» **Task input**

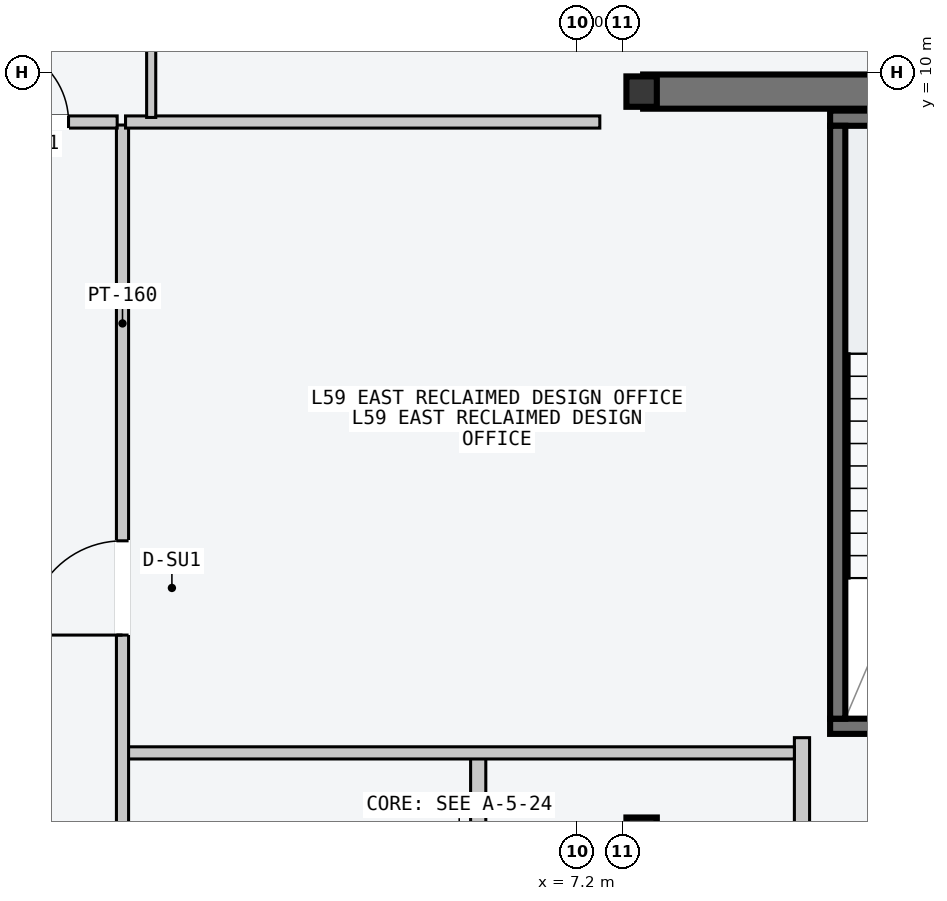
"""IFC4 building model, lengths in metres.
Left out: names, types, materials, properties, quantities, classifications, styles, units other than length and angle.
Written with IfcOpenShell. Run it as: python <this file> out.ifc"""

import sys

from ifc_helpers import new_model, si_unit, direction, frame, frame_2d, origin, origin_2d, place, context, subcontext, project, spatial, rectangle, i_section, extrude, element, fill, save


model = new_model("IFC4")
c1 = context("Model", 3, precision=1e-05, world=origin(), true_north=direction((0.0, 1.0)))
c2 = subcontext(c1, "Body", "Model", "MODEL_VIEW")
j1 = project(units=[si_unit("LENGTHUNIT", "METRE"), si_unit("PLANEANGLEUNIT", "RADIAN")], contexts=[c1])
p1 = place(None, origin())
s1 = spatial("IfcSite", under=j1, at=p1, CompositionType="ELEMENT")
p2 = place(p1, origin())
s2 = spatial("IfcBuilding", under=s1, at=p2, CompositionType="ELEMENT")
p3 = place(p2, frame((0.0, 0.0, 225.6)))
s3 = spatial("IfcBuildingStorey", under=s2, at=p3, CompositionType="ELEMENT", Elevation=225.6)
p4 = place(p3, frame((8.07, 9.75, -0.2), z_axis=(0.0, 0.0, 1.0), x_axis=(1.0, 0.0, 0.0)))
e1 = element("IfcWall", 1, at=p4, inside=s3, PredefinedType="SHEAR", context=c2, shape_type="SweptSolid", body=[
    extrude(rectangle(XDim=6.46, YDim=0.45, at=frame_2d((3.23, 0.0))), origin(), (0.0, 0.0, 1.0), 3.6),
])
p5 = place(p3, frame((10.53, 1.4, -0.2), z_axis=(0.0, 0.0, 1.0), x_axis=(1.0, 0.0, 0.0)))
e2 = element("IfcWall", 2, at=p5, inside=s3, PredefinedType="SOLIDWALL", context=c2, shape_type="SweptSolid", body=[
    extrude(rectangle(XDim=3.72, YDim=0.2, at=frame_2d((1.86, 0.0))), origin(), (0.0, 0.0, 1.0), 3.6),
])
p6 = place(p5, frame((1.5, 0.0, 0.2)))
e3 = element("IfcOpeningElement", 3, at=p6, cuts=e2, PredefinedType="OPENING", context=c2, shape_type="SweptSolid", body=[
    extrude(rectangle(XDim=1.12, YDim=2.18, at=frame_2d((0.56, 1.09))), frame((0.0, 0.11, 0.0), z_axis=(0.0, -1.0, 0.0), x_axis=(1.0, 0.0, 0.0)), (0.0, 0.0, 1.0), 0.22),
])
p7 = place(p3, frame((10.53, 9.4, -0.2), z_axis=(0.0, 0.0, 1.0), x_axis=(1.0, 0.0, 0.0)))
e4 = element("IfcWall", 4, at=p7, inside=s3, PredefinedType="SOLIDWALL", context=c2, shape_type="SweptSolid", body=[
    extrude(rectangle(XDim=3.72, YDim=0.2, at=frame_2d((1.86, 0.0))), origin(), (0.0, 0.0, 1.0), 3.6),
])
p8 = place(p3, frame((10.63, 1.5, -0.2), z_axis=(0.0, 0.0, 1.0), x_axis=(0.0, 1.0, 0.0)))
e5 = element("IfcWall", 5, at=p8, inside=s3, PredefinedType="SOLIDWALL", context=c2, shape_type="SweptSolid", body=[
    extrude(rectangle(XDim=7.8, YDim=0.2, at=frame_2d((3.9, 0.0))), origin(), (0.0, 0.0, 1.0), 3.6),
])
for number, where, z_axis, x_axis in (
    (6, (8.05, 0.0, 0.0), (0.0, 0.0, 1.0), (1.0, 0.0, 0.0)),
    (7, (8.05, 9.75, 0.0), (0.0, 0.0, 1.0), (1.0, 0.0, 0.0)),
):
    element("IfcColumn", number, at=place(p3, frame(where, z_axis=z_axis, x_axis=x_axis)), inside=s3, PredefinedType="COLUMN", context=c2, shape_type="SweptSolid", body=[
        extrude(i_section(OverallWidth=0.4, OverallDepth=0.4, WebThickness=0.013, FlangeThickness=0.021, at=origin_2d()), origin(), (0.0, 0.0, 1.0), 3.6),
    ])
p9 = place(p3, frame((5.9, -9.45, 0.0), z_axis=(0.0, 0.0, 1.0), x_axis=(0.0, 1.0, 0.0)))
e8 = element("IfcWall", 8, at=p9, inside=s3, PredefinedType="PARTITIONING", context=c2, shape_type="SweptSolid", body=[
    extrude(rectangle(XDim=10.5, YDim=0.2, at=frame_2d((5.25, 0.0))), origin(), (0.0, 0.0, 1.0), 3.4),
])
p10 = place(p9, frame((3.9, 0.0, 0.0)))
e9 = element("IfcOpeningElement", 9, at=p10, cuts=e8, PredefinedType="OPENING", context=c2, shape_type="SweptSolid", body=[
    extrude(rectangle(XDim=1.5, YDim=2.2, at=frame_2d((0.75, 1.1))), frame((0.0, 0.11, 0.0), z_axis=(0.0, -1.0, 0.0), x_axis=(1.0, 0.0, 0.0)), (0.0, 0.0, 1.0), 0.22),
])
p11 = place(p3, frame((10.16, -2.55, 0.0), z_axis=(0.0, 0.0, 1.0), x_axis=(0.0, 1.0, 0.0)))
e10 = element("IfcWall", 10, at=p11, inside=s3, PredefinedType="PARTITIONING", context=c2, shape_type="SweptSolid", body=[
    extrude(rectangle(XDim=3.8, YDim=0.2, at=frame_2d((1.9, 0.0))), origin(), (0.0, 0.0, 1.0), 3.4),
])
p12 = place(p11, frame((1.3, 0.0, 0.0)))
e11 = element("IfcOpeningElement", 11, at=p12, cuts=e10, PredefinedType="OPENING", context=c2, shape_type="SweptSolid", body=[
    extrude(rectangle(XDim=1.1, YDim=2.15, at=frame_2d((0.55, 1.075))), frame((0.0, 0.11, 0.0), z_axis=(0.0, -1.0, 0.0), x_axis=(1.0, 0.0, 0.0)), (0.0, 0.0, 1.0), 0.22),
])
p13 = place(p3, frame((1.26, 1.05, 0.0), z_axis=(0.0, 0.0, 1.0), x_axis=(1.0, 0.0, 0.0)))
e12 = element("IfcWall", 12, at=p13, inside=s3, PredefinedType="PARTITIONING", context=c2, shape_type="SweptSolid", body=[
    extrude(rectangle(XDim=8.8, YDim=0.16, at=frame_2d((4.4, 0.0))), origin(), (0.0, 0.0, 1.0), 3.4),
])
p14 = place(p3, frame((1.22, -3.5, 0.0), z_axis=(0.0, 0.0, 1.0), x_axis=(0.0, 1.0, 0.0)))
e13 = element("IfcWall", 13, at=p14, inside=s3, PredefinedType="PARTITIONING", context=c2, shape_type="SweptSolid", body=[
    extrude(rectangle(XDim=12.81, YDim=0.16, at=frame_2d((6.405, 0.0))), origin(), (0.0, 0.0, 1.0), 3.4),
])
p15 = place(p14, frame((6.1, 0.0, 0.0)))
e14 = element("IfcOpeningElement", 14, at=p15, cuts=e13, PredefinedType="OPENING", context=c2, shape_type="SweptSolid", body=[
    extrude(rectangle(XDim=1.24, YDim=2.24, at=frame_2d((0.62, 1.12))), frame((0.0, 0.09, 0.0), z_axis=(0.0, -1.0, 0.0), x_axis=(1.0, 0.0, 0.0)), (0.0, 0.0, 1.0), 0.18),
])
p16 = place(p14, frame((1.6, 0.0, 0.0)))
e15 = element("IfcOpeningElement", 15, at=p16, cuts=e13, PredefinedType="OPENING", context=c2, shape_type="SweptSolid", body=[
    extrude(rectangle(XDim=0.96, YDim=2.18, at=frame_2d((0.48, 1.09))), frame((0.0, 0.09, 0.0), z_axis=(0.0, -1.0, 0.0), x_axis=(1.0, 0.0, 0.0)), (0.0, 0.0, 1.0), 0.18),
])
p17 = place(p3, frame((1.26, 9.35, 0.0), z_axis=(0.0, 0.0, 1.0), x_axis=(1.0, 0.0, 0.0)))
e16 = element("IfcWall", 16, at=p17, inside=s3, PredefinedType="PARTITIONING", context=c2, shape_type="SweptSolid", body=[
    extrude(rectangle(XDim=6.24, YDim=0.16, at=frame_2d((3.12, 0.0))), origin(), (0.0, 0.0, 1.0), 3.4),
])
p18 = place(p3, frame((1.597, 9.41, 0.0), z_axis=(0.0, 0.0, 1.0), x_axis=(0.0, 1.0, 0.0)))
e17 = element("IfcWall", 17, at=p18, inside=s3, PredefinedType="PARTITIONING", context=c2, shape_type="SweptSolid", body=[
    extrude(rectangle(XDim=7.14, YDim=0.12, at=frame_2d((3.57, 0.0))), origin(), (0.0, 0.0, 1.0), 3.4),
])
p19 = place(p18, frame((1.15, 0.0, 0.0)))
e18 = element("IfcOpeningElement", 18, at=p19, cuts=e17, PredefinedType="OPENING", context=c2, shape_type="SweptSolid", body=[
    extrude(rectangle(XDim=0.96, YDim=2.18, at=frame_2d((0.48, 1.09))), frame((0.0, 0.07, 0.0), z_axis=(0.0, -1.0, 0.0), x_axis=(1.0, 0.0, 0.0)), (0.0, 0.0, 1.0), 0.14),
])
p20 = place(p3, frame((-1.15, 9.35, 0.0), z_axis=(0.0, 0.0, 1.0), x_axis=(1.0, 0.0, 0.0)))
e19 = element("IfcWall", 19, at=p20, inside=s3, PredefinedType="PARTITIONING", context=c2, shape_type="SweptSolid", body=[
    extrude(rectangle(XDim=2.3, YDim=0.16, at=frame_2d((1.15, 0.0))), origin(), (0.0, 0.0, 1.0), 3.4),
])
p21 = place(p20, frame((0.64, 0.0, 0.0)))
e20 = element("IfcOpeningElement", 20, at=p21, cuts=e19, PredefinedType="OPENING", context=c2, shape_type="SweptSolid", body=[
    extrude(rectangle(XDim=1.02, YDim=2.2, at=frame_2d((0.51, 1.1))), frame((0.0, 0.09, 0.0), z_axis=(0.0, -1.0, 0.0), x_axis=(1.0, 0.0, 0.0)), (0.0, 0.0, 1.0), 0.18),
])
p22 = place(p15, origin())
e21 = element("IfcDoor", 21, at=p22, inside=s3, OperationType="SINGLE_SWING_LEFT", PredefinedType="DOOR", context=c2, shape_type="SweptSolid", body=[
    extrude(rectangle(XDim=1.24, YDim=2.24, at=frame_2d((0.62, 1.12))), frame((0.0, 0.025, 0.0), z_axis=(0.0, -1.0, 0.0), x_axis=(1.0, 0.0, 0.0)), (0.0, 0.0, 1.0), 0.05),
])
fill(e14, e21)
p23 = place(p21, origin())
e22 = element("IfcDoor", 22, at=p23, inside=s3, OperationType="SINGLE_SWING_LEFT", PredefinedType="DOOR", context=c2, shape_type="SweptSolid", body=[
    extrude(rectangle(XDim=1.02, YDim=2.2, at=frame_2d((0.51, 1.1))), frame((0.0, 0.025, 0.0), z_axis=(0.0, -1.0, 0.0), x_axis=(1.0, 0.0, 0.0)), (0.0, 0.0, 1.0), 0.05),
])
fill(e20, e22)
save(model, sys.argv[1])

» **Problem description**
The answer must be every line of the records that contains the word "under".

» **Answer for this exercise**
s1 = spatial("IfcSite", under=j1, at=p1, CompositionType="ELEMENT")
s2 = spatial("IfcBuilding", under=s1, at=p2, CompositionType="ELEMENT")
s3 = spatial("IfcBuildingStorey", under=s2, at=p3, CompositionType="ELEMENT", Elevation=225.6)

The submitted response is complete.